___ INPUT RECORDS

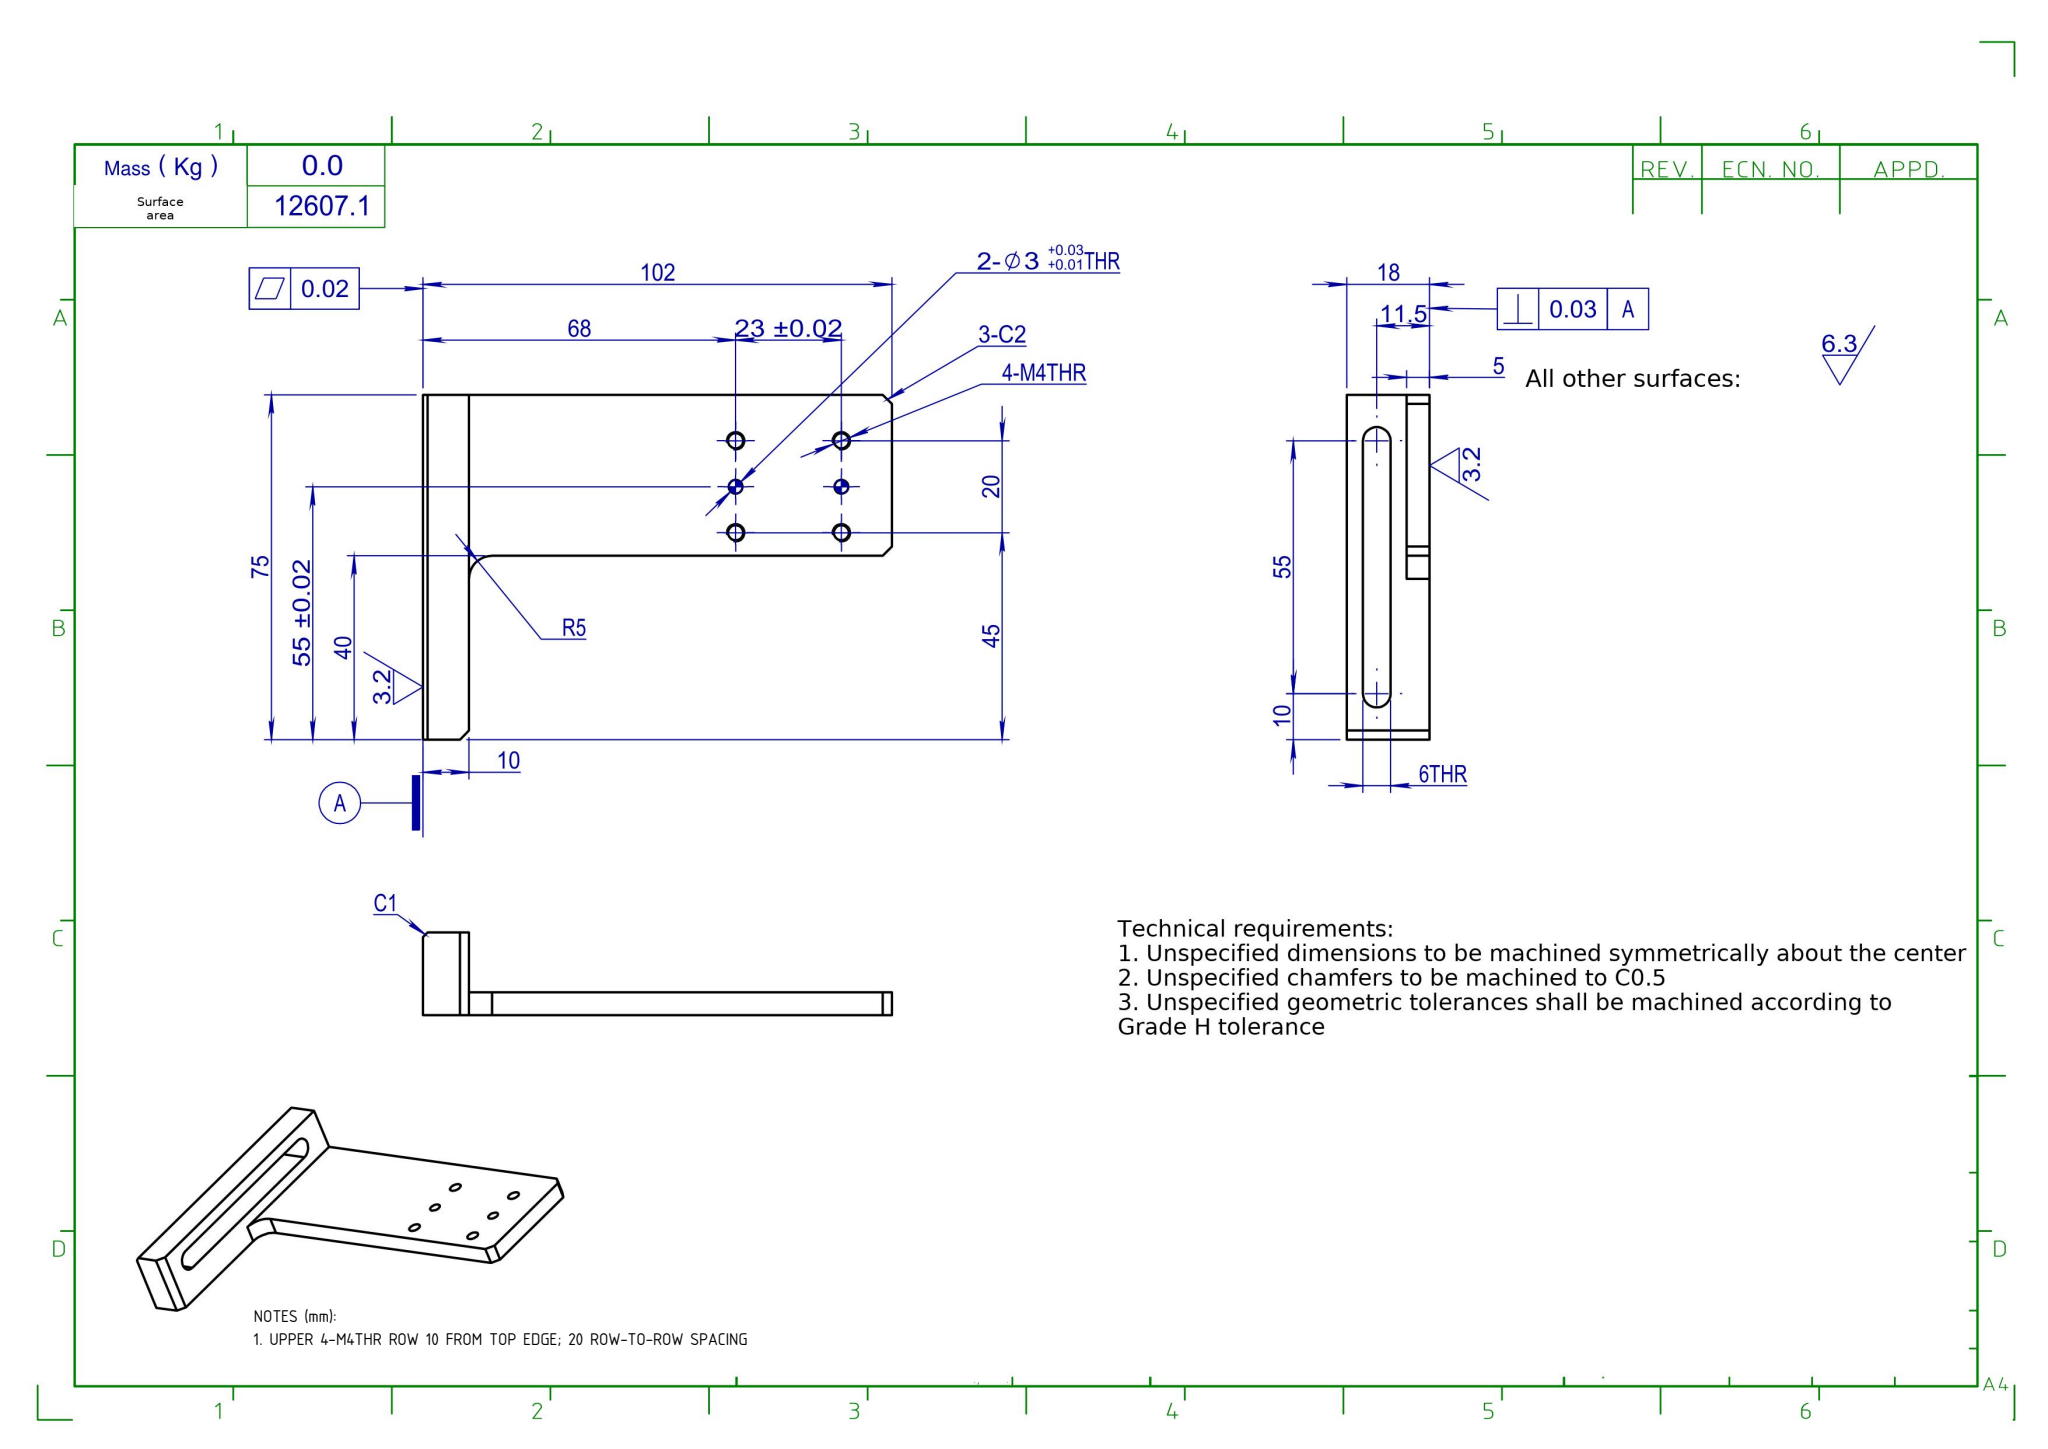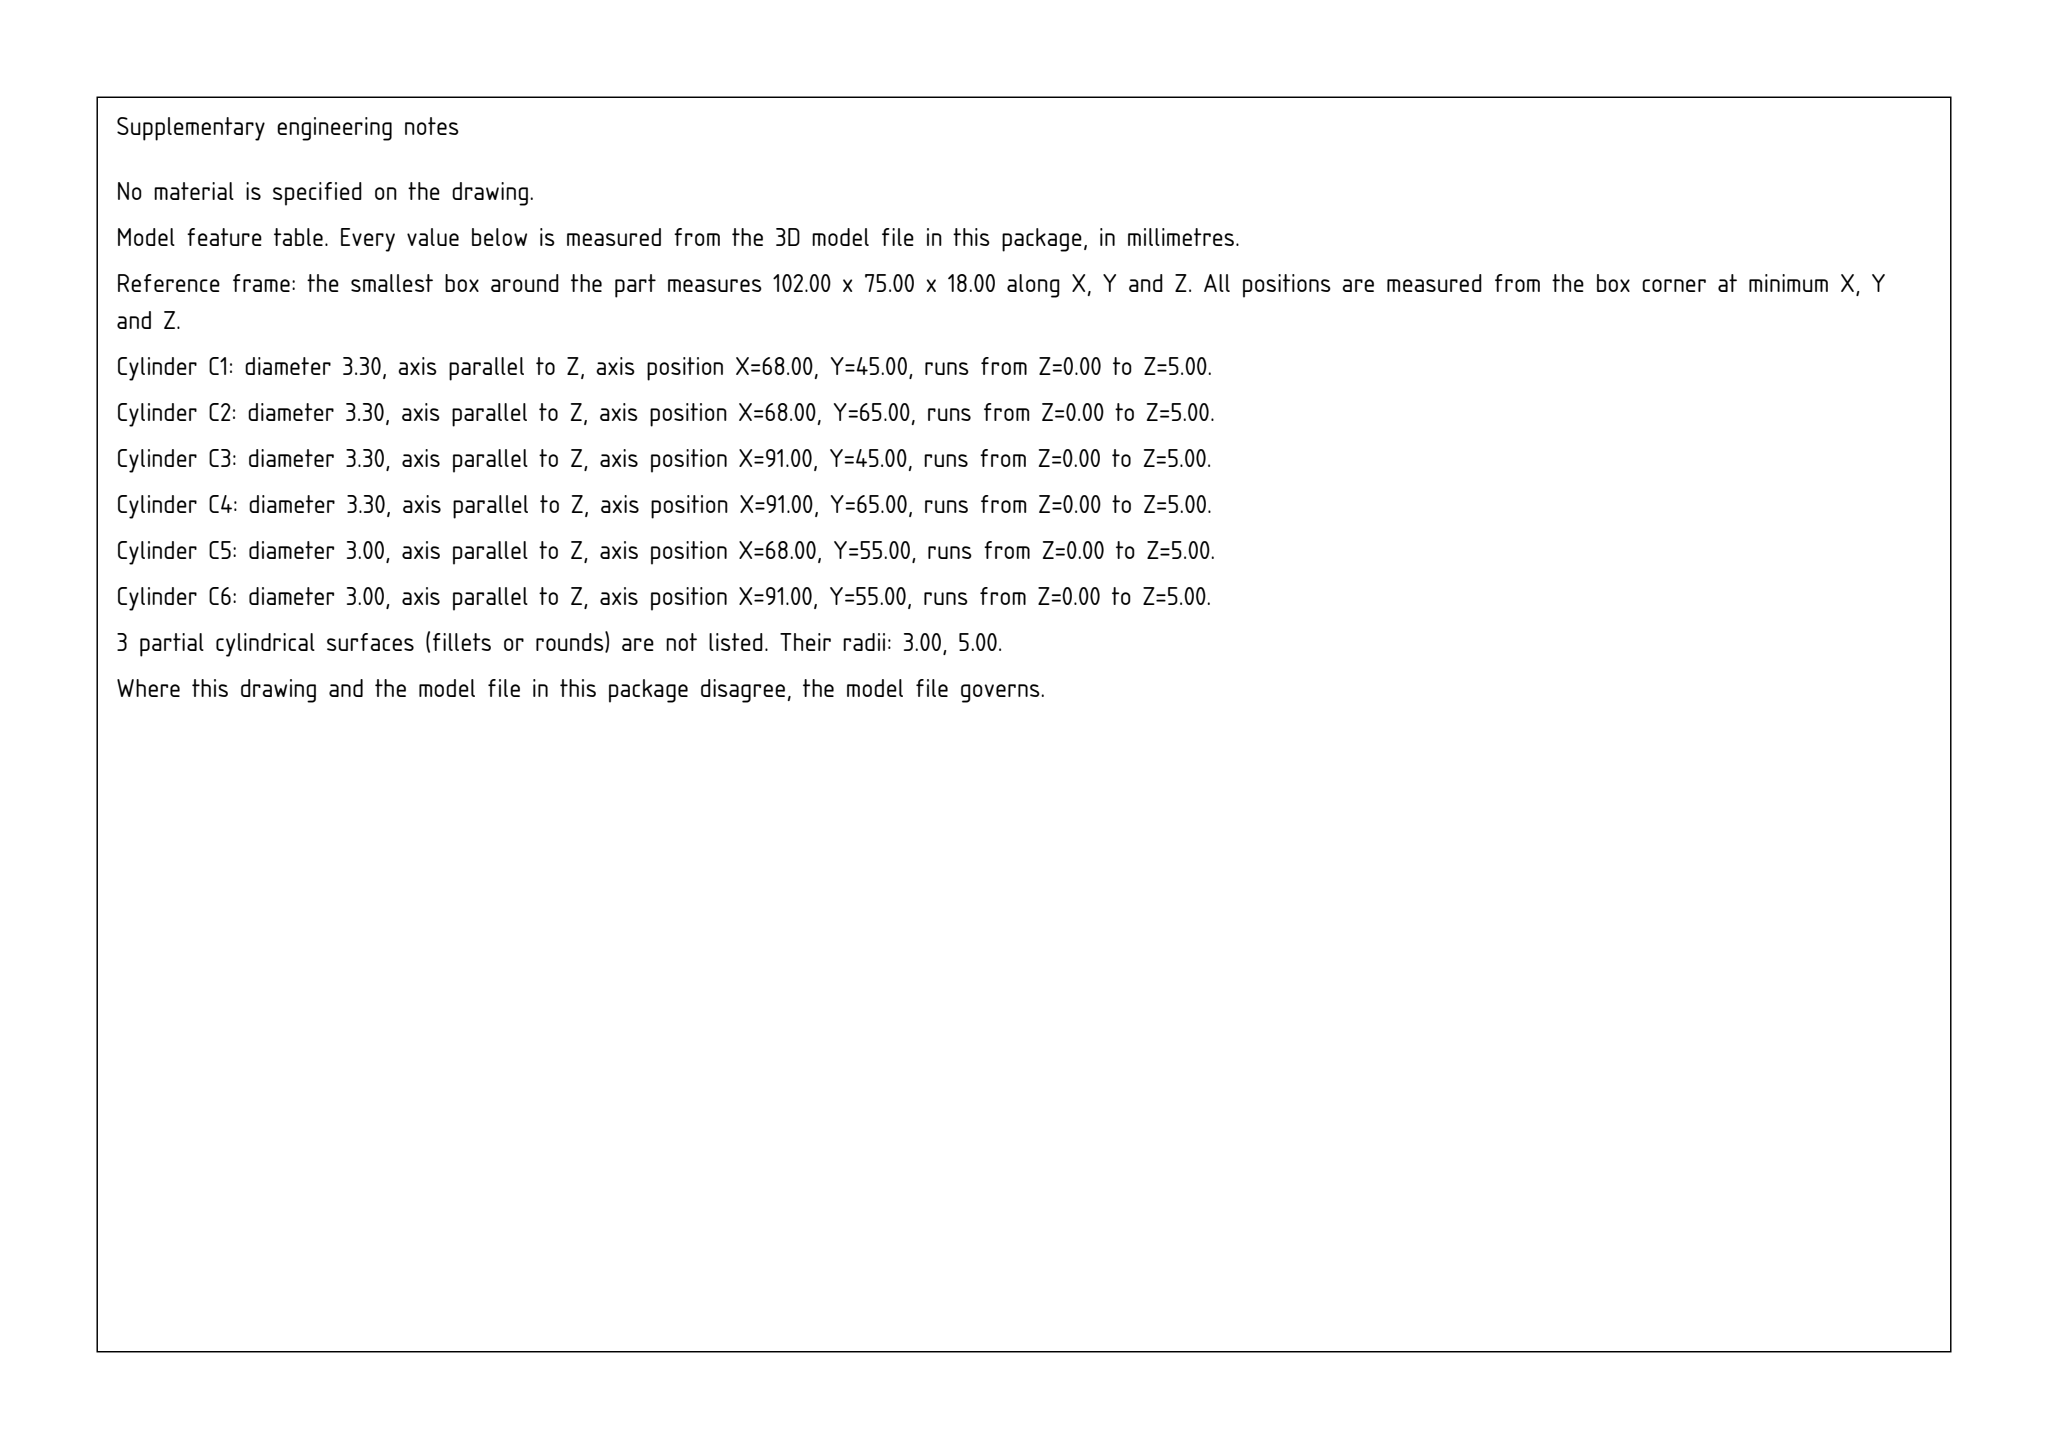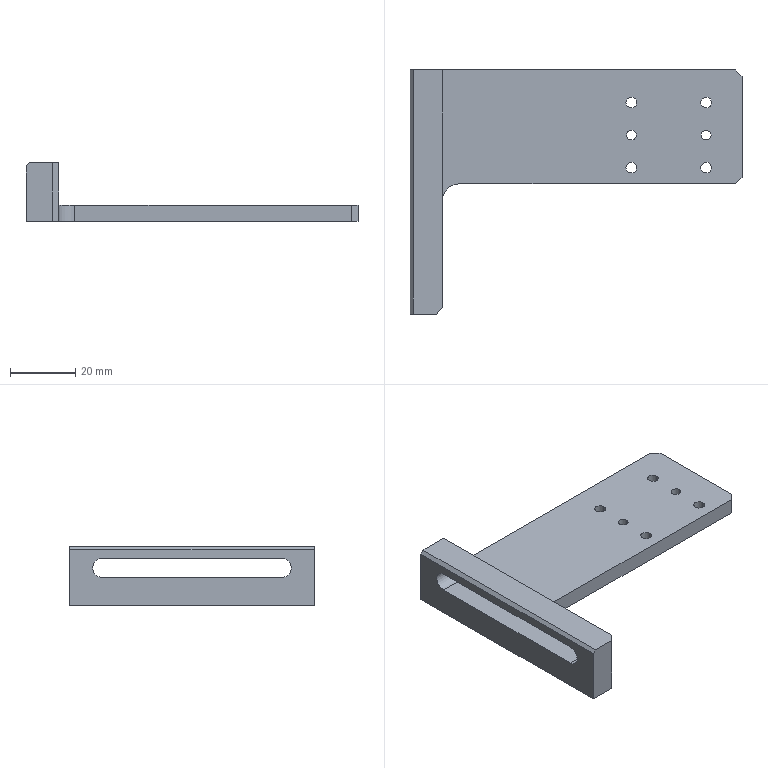Part | SolidWorks | mm | 1 solid | 30 faces | box 102 x 75 x 18 mm | volume 25709 mm3 | cylinder 15 | plane 15 | commonest cylinder face diameters 3.3 x8 3 x4 6 x2 10 x1
Drawing notes:
UPPER 4-M4THR ROW 10 FROM TOP EDGE; 20 ROW-TO-ROW SPACING | from the solid: Ø3.3 z-holes at y=65 and y=45; bbox y=75 top edge
build123d program:
from build123d import *

# Parameters (mm, degrees)
EXTRUDE1_DEPTH        = 18
FILLET1_R             = 5
CUT_EXTRUDE2_DEPTH    = 149.138
M4_TAPPED_HOLE1_D     = 3.3
M4_TAPPED_HOLE1_DEPTH = 11.5
M4_TAPPED_HOLE1_TIP   = 0.9914
CHAMFER1_SIZE         = 2
SKETCH9_R             = 1.5
CUT_EXTRUDE4_DEPTH    = 112.032
SKETCH10_W            = 92
SKETCH10_H            = 50
CUT_EXTRUDE5_DEPTH    = 13
CHAMFER2_SIZE         = 1


with BuildPart() as part:
    # Sketch1 → Extrude1 (new body)
    with BuildSketch(Plane.XY):
        Polygon((-92, 0), (-92, -40), (-102, -40), (-102, 35), (0, 35), (0, 0), align=None)
    extrude(amount=EXTRUDE1_DEPTH)

    # Fillet1
    fillet1_edges = [part.edges().sort_by_distance(p)[0] for p in [
        (-92, 0, 9),
    ]]
    fillet(fillet1_edges, radius=FILLET1_R)

    # Sketch3 → Cut-Extrude2 (cut, through all)
    with BuildSketch(Plane(origin=(-92, 0, -91), x_dir=(0, 0, 1), z_dir=(-1, 0, 0))):
        with BuildLine():
            Line((99.5, 25), (99.5, -30))
            ThreePointArc((99.5, -30), (102.5, -33), (105.5, -30))
            Line((105.5, -30), (105.5, 25))
            ThreePointArc((105.5, 25), (102.5, 28), (99.5, 25))
        make_face()
    extrude(amount=CUT_EXTRUDE2_DEPTH, mode=Mode.SUBTRACT)

    # M4 Tapped Hole1
    with Locations(Plane(origin=(31.187, 12.711, 0), x_dir=(1, 0, 0), z_dir=(0, 0, -1))):
        with Locations((-42.187, 7.711), (-65.187, 7.711), (-65.187, -12.289), (-42.187, -12.289)):
            Hole(M4_TAPPED_HOLE1_D / 2, depth=M4_TAPPED_HOLE1_DEPTH)
            with Locations((0, 0, -(M4_TAPPED_HOLE1_DEPTH + M4_TAPPED_HOLE1_TIP / 2))):  # 118° drill point
                Cone(0, M4_TAPPED_HOLE1_D / 2, M4_TAPPED_HOLE1_TIP, mode=Mode.SUBTRACT)

    # Chamfer1
    chamfer1_edges = [part.edges().sort_by_distance(p)[0] for p in [
        (0, 0, 9),
        (-92, -40, 9),
        (0, 35, 9),
    ]]
    chamfer(chamfer1_edges, length=CHAMFER1_SIZE)

    # Sketch9 → Cut-Extrude4 (cut, through all)
    with BuildSketch(Plane.XY.offset(18)):
        with Locations((-34, 15)):
            Circle(SKETCH9_R)
        with Locations((-11, 15)):
            Circle(SKETCH9_R)
    extrude(amount=-CUT_EXTRUDE4_DEPTH, mode=Mode.SUBTRACT)

    # Sketch10 → Cut-Extrude5 (cut)
    with BuildSketch(Plane(origin=(0, 0, 18), x_dir=(-1, 0, 0), z_dir=(0, 0, -1))):
        with Locations((46, 10)):
            Rectangle(SKETCH10_W, SKETCH10_H)
    extrude(amount=CUT_EXTRUDE5_DEPTH, mode=Mode.SUBTRACT)

    # Chamfer2
    chamfer2_edges = [part.edges().sort_by_distance(p)[0] for p in [
        (-102, -2.5, 18),
    ]]
    chamfer(chamfer2_edges, length=CHAMFER2_SIZE)


solid = part.part

______

• [WORK ORDER]:
Only one number is wanted: how many lines in the records above contain the string "Mode".

• [SOLUTION TO THIS TASK]:
4